_WHAT THE TASK ASKS_
Report back every line of the entries that contains "UNSPECIFIED", exactly as written.

(Items from a data source)
- Opening Delimiter -
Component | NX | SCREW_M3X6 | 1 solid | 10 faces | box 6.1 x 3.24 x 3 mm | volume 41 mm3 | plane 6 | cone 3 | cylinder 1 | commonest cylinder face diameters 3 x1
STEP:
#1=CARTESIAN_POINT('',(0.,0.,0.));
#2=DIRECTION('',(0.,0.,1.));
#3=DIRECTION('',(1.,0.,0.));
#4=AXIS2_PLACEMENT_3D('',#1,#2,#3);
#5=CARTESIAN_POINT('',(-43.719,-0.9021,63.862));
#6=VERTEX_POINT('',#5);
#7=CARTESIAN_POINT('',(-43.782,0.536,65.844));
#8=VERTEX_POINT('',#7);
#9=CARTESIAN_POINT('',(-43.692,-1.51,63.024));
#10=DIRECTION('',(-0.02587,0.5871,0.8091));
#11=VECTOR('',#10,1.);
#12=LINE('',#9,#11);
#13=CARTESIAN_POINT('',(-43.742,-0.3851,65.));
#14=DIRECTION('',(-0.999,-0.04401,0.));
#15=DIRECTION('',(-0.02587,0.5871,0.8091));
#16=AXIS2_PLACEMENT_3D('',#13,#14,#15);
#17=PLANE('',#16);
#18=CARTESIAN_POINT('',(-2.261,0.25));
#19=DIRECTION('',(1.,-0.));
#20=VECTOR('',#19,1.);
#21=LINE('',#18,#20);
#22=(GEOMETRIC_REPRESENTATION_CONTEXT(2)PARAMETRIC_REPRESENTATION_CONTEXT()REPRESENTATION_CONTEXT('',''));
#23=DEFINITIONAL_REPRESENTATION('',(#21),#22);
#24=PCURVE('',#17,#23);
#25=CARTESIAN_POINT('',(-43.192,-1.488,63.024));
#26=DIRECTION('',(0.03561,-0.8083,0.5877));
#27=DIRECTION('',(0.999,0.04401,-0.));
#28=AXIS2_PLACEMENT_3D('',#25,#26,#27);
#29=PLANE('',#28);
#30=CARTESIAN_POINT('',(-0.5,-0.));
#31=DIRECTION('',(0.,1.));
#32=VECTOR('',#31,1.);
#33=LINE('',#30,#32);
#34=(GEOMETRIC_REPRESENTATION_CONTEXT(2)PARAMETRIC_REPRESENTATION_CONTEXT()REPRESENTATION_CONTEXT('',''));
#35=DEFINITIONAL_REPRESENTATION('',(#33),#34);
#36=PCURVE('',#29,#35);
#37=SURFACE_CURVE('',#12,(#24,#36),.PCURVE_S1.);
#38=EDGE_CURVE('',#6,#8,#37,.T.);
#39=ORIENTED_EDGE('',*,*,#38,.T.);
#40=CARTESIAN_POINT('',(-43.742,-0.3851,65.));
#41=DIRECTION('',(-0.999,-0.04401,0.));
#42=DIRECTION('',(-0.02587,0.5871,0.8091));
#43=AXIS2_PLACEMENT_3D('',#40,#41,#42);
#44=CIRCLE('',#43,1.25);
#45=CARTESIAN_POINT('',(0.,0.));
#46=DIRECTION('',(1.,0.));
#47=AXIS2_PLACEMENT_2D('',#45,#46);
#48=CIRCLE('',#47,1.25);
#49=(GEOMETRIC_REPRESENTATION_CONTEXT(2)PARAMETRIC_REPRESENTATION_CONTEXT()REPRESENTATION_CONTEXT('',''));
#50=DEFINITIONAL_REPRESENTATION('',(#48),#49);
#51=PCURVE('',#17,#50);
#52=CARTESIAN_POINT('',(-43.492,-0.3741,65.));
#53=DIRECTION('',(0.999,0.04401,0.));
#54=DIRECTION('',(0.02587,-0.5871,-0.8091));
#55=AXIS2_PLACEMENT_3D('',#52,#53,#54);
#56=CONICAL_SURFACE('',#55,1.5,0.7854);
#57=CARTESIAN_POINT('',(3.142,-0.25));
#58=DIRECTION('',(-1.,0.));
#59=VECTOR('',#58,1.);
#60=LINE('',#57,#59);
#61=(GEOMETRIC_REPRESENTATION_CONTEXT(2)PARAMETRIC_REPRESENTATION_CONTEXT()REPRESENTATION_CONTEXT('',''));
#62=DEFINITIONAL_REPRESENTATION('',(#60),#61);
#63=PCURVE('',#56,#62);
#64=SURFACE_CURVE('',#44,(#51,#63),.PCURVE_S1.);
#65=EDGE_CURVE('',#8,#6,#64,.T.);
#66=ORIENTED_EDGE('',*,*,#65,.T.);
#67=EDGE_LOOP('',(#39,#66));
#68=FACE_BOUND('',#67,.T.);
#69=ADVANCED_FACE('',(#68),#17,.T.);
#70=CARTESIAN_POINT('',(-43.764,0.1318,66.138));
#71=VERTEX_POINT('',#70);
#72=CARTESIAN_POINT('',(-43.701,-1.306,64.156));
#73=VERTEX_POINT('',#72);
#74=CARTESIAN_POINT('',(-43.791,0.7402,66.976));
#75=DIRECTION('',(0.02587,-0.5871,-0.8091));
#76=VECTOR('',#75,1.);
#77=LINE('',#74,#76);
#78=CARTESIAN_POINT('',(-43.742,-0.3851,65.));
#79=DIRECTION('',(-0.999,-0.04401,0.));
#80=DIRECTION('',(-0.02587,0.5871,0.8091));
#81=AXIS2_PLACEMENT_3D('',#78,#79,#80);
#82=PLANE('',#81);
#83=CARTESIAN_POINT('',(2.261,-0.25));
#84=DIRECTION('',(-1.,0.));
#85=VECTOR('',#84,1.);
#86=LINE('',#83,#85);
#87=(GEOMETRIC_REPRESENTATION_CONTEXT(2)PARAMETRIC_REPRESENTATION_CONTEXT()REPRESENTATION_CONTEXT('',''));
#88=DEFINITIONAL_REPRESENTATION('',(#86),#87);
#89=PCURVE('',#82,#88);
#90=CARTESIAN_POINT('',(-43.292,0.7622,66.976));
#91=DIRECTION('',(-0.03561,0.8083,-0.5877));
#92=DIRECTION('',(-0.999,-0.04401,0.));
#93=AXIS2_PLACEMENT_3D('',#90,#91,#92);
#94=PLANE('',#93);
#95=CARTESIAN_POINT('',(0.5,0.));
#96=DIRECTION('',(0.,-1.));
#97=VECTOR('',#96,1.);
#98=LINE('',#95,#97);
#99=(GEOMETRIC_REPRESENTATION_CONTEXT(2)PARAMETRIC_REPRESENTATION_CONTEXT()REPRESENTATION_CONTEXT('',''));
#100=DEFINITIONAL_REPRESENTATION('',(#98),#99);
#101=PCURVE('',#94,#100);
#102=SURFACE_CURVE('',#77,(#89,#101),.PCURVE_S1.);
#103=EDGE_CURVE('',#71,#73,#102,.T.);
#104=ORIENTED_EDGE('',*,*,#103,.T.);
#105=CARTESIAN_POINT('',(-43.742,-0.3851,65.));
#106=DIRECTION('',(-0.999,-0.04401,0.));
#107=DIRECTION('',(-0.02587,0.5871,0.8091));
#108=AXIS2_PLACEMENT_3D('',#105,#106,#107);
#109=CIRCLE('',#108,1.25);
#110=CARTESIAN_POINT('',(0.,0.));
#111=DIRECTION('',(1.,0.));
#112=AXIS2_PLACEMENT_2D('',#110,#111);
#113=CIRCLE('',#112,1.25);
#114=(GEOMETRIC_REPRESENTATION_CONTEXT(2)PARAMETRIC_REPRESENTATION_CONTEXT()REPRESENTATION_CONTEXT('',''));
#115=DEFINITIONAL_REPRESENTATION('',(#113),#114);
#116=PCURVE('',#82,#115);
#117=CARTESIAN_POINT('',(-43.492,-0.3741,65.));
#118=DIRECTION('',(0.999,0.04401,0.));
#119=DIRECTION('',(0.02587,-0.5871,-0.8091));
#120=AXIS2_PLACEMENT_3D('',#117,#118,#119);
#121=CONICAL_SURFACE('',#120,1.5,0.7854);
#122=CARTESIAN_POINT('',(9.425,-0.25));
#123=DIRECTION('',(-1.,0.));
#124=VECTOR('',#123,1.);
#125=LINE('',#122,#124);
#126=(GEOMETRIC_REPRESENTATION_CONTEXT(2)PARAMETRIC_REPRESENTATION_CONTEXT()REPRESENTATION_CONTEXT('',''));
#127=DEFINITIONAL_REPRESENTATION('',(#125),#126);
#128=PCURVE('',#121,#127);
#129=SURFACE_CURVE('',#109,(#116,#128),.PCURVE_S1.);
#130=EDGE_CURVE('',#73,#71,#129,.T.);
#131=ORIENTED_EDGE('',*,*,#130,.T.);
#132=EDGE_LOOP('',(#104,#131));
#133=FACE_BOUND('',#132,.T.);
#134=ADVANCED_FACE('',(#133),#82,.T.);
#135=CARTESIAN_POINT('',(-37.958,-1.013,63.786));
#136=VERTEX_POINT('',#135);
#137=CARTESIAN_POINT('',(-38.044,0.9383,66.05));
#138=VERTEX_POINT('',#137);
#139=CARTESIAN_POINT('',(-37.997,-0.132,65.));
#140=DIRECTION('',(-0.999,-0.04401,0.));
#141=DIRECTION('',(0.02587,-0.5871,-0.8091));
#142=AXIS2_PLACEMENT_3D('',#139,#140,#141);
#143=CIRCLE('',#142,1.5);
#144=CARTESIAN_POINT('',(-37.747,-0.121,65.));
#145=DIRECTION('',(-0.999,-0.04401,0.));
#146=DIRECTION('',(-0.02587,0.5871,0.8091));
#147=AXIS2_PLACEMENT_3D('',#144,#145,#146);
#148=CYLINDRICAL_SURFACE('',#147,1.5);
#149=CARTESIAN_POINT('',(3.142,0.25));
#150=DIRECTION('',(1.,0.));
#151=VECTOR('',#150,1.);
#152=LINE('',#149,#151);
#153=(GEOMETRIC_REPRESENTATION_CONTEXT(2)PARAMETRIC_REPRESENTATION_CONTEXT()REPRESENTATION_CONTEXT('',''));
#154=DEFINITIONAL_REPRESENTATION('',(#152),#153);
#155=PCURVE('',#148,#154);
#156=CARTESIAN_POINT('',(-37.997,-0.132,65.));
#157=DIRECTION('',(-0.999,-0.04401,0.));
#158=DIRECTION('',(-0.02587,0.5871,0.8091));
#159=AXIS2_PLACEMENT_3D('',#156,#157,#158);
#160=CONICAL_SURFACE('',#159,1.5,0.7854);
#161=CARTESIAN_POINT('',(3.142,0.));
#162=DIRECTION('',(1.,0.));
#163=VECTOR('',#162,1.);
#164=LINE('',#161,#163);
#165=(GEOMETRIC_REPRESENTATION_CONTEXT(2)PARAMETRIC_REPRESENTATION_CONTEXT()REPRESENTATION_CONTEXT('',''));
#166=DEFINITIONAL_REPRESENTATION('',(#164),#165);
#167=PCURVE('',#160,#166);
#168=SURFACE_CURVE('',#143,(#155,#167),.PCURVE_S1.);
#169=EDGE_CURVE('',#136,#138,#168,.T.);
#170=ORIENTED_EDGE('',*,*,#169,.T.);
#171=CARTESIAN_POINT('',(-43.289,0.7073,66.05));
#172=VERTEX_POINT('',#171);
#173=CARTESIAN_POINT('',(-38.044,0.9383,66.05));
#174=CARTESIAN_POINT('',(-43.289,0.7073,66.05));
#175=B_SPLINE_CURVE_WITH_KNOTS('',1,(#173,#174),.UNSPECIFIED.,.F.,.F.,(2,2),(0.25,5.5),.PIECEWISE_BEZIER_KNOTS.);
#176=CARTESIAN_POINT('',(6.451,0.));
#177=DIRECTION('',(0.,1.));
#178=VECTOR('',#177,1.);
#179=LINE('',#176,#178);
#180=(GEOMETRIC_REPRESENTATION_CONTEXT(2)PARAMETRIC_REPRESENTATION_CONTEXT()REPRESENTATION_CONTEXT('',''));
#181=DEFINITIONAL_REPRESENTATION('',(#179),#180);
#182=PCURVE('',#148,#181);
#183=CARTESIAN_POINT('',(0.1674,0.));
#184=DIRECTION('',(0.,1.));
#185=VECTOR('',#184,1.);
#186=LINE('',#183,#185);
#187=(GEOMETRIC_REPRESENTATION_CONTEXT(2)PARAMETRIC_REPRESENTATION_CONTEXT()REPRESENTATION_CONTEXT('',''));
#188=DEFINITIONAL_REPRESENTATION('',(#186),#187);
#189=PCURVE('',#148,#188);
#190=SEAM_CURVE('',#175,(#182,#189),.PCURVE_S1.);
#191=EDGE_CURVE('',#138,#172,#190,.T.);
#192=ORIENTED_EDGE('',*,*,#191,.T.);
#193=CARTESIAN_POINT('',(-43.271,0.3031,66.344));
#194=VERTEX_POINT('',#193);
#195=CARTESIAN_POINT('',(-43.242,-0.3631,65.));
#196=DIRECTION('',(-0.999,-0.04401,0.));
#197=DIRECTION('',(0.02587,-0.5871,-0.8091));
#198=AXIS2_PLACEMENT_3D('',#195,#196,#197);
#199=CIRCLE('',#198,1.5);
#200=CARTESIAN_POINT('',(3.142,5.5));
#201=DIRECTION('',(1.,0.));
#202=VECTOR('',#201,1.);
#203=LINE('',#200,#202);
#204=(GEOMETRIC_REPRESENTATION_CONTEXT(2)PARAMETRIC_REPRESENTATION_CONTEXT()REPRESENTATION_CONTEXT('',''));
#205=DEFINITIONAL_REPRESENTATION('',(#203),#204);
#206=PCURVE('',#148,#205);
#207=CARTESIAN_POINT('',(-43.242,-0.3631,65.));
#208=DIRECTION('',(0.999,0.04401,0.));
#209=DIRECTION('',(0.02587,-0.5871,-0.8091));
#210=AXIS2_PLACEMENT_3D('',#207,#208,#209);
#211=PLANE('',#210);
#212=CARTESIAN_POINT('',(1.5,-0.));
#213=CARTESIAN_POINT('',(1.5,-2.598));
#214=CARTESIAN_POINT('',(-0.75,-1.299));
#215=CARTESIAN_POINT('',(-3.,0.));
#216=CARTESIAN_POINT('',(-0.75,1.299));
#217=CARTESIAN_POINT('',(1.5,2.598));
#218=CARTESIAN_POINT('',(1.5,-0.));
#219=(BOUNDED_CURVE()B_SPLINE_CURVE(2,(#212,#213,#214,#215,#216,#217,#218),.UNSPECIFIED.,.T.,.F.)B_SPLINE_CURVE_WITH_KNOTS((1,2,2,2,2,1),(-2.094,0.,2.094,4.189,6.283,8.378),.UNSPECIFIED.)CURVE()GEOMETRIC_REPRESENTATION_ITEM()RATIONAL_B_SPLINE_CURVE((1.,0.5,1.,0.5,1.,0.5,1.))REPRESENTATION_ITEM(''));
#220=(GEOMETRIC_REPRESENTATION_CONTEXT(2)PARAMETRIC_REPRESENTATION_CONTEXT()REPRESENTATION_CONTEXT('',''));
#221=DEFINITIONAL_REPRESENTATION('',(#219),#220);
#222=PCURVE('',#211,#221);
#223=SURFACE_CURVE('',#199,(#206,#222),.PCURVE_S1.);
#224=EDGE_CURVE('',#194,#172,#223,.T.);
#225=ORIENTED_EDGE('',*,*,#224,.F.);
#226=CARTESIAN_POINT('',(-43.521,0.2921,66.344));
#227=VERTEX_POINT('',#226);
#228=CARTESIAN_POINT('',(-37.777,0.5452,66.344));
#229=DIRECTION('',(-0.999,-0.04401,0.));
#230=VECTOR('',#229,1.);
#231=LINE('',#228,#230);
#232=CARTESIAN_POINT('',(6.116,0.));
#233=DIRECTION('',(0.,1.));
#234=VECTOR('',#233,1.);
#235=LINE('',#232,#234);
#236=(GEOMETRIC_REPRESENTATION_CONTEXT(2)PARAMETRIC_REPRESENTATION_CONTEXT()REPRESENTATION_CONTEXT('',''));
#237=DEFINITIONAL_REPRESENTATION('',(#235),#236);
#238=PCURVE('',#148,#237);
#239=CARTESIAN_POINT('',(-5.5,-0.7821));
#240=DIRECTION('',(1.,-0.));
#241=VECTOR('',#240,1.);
- Closing Delimiter -
_REPLY_
#175=B_SPLINE_CURVE_WITH_KNOTS('',1,(#173,#174),.UNSPECIFIED.,.F.,.F.,(2,2),(0.25,5.5),.PIECEWISE_BEZIER_KNOTS.);
#219=(BOUNDED_CURVE()B_SPLINE_CURVE(2,(#212,#213,#214,#215,#216,#217,#218),.UNSPECIFIED.,.T.,.F.)B_SPLINE_CURVE_WITH_KNOTS((1,2,2,2,2,1),(-2.094,0.,2.094,4.189,6.283,8.378),.UNSPECIFIED.)CURVE()GEOMETRIC_REPRESENTATION_ITEM()RATIONAL_B_SPLINE_CURVE((1.,0.5,1.,0.5,1.,0.5,1.))REPRESENTATION_ITEM(''));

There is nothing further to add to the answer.